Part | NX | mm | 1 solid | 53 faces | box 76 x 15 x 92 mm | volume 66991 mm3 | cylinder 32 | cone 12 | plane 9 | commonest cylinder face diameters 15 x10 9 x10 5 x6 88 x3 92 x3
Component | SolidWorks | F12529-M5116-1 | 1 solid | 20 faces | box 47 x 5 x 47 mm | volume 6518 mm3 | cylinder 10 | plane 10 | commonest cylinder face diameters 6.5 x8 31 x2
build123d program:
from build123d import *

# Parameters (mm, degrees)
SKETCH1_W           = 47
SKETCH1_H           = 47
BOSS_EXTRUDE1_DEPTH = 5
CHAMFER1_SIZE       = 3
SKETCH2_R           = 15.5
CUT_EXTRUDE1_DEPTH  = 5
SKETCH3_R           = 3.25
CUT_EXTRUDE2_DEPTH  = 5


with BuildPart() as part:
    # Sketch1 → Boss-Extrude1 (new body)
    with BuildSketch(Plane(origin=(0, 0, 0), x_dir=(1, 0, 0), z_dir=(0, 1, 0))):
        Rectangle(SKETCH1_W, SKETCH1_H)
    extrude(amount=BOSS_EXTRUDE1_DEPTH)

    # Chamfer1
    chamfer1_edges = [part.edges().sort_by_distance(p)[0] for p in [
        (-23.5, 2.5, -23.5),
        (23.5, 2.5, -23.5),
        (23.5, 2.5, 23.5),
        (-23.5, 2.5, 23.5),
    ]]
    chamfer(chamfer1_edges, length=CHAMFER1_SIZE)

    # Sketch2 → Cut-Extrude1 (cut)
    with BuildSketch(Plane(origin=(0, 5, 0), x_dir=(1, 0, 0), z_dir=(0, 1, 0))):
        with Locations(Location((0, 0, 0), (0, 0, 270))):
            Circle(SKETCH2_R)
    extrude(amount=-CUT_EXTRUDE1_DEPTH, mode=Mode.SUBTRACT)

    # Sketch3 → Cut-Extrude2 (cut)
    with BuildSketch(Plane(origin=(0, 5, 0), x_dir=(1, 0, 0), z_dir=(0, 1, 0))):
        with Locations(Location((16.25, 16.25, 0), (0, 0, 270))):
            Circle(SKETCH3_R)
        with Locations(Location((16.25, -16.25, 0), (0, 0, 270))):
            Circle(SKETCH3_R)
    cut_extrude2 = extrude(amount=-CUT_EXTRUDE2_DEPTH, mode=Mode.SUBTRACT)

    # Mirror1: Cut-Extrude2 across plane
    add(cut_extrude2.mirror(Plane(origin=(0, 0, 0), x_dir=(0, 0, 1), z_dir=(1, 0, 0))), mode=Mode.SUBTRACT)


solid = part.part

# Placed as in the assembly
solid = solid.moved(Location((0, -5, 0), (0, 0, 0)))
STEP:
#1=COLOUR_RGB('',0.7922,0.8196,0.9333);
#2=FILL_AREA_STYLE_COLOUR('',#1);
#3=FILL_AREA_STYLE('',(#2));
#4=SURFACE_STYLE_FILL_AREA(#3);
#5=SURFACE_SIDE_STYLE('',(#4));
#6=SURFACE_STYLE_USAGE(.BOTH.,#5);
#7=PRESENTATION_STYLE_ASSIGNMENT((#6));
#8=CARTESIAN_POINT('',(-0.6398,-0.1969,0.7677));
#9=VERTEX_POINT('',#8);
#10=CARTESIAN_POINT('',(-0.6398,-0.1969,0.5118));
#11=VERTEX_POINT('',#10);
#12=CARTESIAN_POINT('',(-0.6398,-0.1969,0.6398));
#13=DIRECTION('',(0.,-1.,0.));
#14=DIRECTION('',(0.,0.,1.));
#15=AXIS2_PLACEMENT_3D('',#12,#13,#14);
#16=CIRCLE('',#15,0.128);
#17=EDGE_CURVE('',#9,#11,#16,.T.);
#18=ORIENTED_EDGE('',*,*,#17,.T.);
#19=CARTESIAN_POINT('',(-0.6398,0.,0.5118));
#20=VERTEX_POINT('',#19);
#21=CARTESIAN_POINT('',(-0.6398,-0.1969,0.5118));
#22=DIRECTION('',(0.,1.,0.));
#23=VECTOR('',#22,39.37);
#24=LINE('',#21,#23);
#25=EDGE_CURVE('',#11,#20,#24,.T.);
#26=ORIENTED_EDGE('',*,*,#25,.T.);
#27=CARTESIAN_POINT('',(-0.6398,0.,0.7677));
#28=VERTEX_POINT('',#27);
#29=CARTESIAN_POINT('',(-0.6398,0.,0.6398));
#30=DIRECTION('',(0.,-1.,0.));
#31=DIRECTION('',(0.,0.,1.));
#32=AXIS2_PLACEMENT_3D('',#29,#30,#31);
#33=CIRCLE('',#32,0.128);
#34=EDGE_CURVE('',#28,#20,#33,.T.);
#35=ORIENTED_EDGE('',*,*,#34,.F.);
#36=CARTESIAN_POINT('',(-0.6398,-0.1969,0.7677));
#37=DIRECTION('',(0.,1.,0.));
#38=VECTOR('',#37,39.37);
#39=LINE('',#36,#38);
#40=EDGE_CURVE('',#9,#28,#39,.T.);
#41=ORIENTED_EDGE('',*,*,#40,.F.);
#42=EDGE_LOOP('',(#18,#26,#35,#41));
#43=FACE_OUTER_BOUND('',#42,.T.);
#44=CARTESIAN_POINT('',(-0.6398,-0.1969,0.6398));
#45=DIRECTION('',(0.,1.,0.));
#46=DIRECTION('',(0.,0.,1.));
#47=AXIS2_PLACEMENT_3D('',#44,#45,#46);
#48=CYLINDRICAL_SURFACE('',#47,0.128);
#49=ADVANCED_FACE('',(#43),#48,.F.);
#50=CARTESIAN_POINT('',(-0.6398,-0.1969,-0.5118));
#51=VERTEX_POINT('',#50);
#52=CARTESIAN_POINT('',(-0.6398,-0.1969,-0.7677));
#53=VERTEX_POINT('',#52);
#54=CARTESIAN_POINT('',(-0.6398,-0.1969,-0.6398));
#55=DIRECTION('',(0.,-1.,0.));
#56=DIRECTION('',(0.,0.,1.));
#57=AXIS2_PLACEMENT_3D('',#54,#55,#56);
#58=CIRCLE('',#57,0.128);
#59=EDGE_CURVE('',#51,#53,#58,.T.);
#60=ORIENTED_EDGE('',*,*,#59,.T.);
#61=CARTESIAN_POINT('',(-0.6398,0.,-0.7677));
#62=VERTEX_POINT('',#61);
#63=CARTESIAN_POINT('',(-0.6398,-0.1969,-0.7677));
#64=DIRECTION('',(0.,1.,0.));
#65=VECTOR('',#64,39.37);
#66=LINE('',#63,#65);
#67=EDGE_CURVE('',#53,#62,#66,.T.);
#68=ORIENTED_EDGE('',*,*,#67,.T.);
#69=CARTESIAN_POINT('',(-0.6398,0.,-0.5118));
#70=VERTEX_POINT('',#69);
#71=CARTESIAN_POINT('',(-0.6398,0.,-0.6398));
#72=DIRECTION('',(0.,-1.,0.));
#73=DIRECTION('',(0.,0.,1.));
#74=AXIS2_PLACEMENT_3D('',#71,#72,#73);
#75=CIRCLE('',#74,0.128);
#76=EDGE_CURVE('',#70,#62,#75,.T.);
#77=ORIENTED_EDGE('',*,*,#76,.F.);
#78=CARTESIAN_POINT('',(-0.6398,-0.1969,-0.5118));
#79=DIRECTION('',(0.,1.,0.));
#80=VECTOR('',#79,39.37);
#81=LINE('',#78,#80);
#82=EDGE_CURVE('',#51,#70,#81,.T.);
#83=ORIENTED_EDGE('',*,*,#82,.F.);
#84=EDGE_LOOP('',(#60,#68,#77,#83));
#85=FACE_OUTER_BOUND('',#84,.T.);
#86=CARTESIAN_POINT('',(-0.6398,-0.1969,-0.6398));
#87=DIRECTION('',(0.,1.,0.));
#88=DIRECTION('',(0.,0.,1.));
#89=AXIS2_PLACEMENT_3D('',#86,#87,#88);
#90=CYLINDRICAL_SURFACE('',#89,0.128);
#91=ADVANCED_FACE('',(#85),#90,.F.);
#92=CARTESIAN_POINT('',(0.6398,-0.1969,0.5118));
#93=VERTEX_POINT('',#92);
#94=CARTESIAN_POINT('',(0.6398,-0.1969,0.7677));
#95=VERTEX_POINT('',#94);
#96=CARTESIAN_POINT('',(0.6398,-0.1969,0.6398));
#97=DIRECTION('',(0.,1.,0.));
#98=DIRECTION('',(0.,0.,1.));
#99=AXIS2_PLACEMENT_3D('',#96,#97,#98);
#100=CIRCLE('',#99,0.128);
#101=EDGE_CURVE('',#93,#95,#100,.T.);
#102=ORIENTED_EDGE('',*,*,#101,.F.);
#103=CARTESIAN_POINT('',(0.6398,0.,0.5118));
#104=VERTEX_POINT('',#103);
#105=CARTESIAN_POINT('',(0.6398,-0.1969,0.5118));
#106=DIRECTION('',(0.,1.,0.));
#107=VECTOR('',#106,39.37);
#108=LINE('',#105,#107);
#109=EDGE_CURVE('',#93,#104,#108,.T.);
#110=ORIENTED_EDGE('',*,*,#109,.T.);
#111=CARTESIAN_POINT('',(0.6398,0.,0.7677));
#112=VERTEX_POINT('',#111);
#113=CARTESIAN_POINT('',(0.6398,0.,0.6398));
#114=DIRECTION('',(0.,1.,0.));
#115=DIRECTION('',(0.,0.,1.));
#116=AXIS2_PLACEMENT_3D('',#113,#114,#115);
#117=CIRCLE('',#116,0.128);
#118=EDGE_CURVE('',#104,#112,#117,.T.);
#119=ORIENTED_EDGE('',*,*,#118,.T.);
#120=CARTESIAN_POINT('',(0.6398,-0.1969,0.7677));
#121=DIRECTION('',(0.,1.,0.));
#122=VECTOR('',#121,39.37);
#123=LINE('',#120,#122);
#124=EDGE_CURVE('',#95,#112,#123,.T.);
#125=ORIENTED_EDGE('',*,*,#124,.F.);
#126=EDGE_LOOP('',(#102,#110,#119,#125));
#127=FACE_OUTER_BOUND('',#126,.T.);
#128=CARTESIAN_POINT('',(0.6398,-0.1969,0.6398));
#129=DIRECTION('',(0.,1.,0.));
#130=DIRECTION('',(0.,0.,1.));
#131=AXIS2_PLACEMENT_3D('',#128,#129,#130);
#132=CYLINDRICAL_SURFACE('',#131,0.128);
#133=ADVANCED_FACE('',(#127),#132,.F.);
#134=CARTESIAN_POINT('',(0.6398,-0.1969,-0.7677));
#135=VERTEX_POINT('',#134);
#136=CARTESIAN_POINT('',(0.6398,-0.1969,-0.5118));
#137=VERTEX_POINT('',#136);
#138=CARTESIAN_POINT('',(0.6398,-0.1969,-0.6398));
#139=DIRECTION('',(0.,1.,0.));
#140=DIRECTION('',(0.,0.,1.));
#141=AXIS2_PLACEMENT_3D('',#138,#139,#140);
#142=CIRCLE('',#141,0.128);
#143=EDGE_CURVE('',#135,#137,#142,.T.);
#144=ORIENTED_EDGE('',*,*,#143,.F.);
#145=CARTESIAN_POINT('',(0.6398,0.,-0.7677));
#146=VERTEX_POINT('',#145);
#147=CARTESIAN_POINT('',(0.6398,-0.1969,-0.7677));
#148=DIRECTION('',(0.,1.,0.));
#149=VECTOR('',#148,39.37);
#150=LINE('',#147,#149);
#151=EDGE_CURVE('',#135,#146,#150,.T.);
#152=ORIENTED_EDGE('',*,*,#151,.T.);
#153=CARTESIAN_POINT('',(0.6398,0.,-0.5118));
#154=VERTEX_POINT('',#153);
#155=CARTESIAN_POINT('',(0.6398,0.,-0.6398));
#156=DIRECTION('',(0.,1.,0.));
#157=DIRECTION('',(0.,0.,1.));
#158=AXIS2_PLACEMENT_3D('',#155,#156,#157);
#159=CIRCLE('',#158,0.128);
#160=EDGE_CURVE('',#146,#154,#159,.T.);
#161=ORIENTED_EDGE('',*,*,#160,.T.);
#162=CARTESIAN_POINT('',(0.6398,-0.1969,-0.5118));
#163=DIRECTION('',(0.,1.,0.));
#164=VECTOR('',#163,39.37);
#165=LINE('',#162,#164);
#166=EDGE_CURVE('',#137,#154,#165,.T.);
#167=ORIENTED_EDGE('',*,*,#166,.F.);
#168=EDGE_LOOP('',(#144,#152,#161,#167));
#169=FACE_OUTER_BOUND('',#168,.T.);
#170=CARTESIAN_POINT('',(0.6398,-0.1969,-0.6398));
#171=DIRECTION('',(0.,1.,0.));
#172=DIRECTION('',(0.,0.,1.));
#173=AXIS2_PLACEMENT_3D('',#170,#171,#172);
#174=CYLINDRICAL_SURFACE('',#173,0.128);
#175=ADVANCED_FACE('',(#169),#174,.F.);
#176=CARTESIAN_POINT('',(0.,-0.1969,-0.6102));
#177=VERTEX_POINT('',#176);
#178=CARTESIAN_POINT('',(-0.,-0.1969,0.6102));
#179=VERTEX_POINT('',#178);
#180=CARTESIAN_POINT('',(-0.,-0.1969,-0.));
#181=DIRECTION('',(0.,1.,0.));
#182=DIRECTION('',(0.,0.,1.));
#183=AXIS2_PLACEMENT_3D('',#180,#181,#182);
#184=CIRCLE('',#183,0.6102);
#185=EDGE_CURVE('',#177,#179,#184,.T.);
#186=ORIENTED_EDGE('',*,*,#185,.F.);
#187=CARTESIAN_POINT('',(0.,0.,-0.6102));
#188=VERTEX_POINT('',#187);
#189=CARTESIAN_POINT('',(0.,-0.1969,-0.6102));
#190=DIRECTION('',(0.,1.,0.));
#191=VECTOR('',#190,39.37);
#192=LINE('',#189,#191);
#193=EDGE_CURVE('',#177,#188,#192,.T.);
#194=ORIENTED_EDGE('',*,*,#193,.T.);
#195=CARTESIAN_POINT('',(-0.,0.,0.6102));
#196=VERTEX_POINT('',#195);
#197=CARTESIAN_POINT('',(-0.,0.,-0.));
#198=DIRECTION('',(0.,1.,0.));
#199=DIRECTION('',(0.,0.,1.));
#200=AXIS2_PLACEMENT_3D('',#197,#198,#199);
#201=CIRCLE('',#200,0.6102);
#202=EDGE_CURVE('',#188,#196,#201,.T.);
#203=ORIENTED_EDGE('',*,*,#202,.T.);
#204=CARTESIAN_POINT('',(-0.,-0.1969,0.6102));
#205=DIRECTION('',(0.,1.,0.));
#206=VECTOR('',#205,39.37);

★ ★ ★ ★ ★ ★ ★

§ Problem requirements: Counting every line of the records above that has the word "solid", state the total and give nothing besides it.

§ Expected answer: 4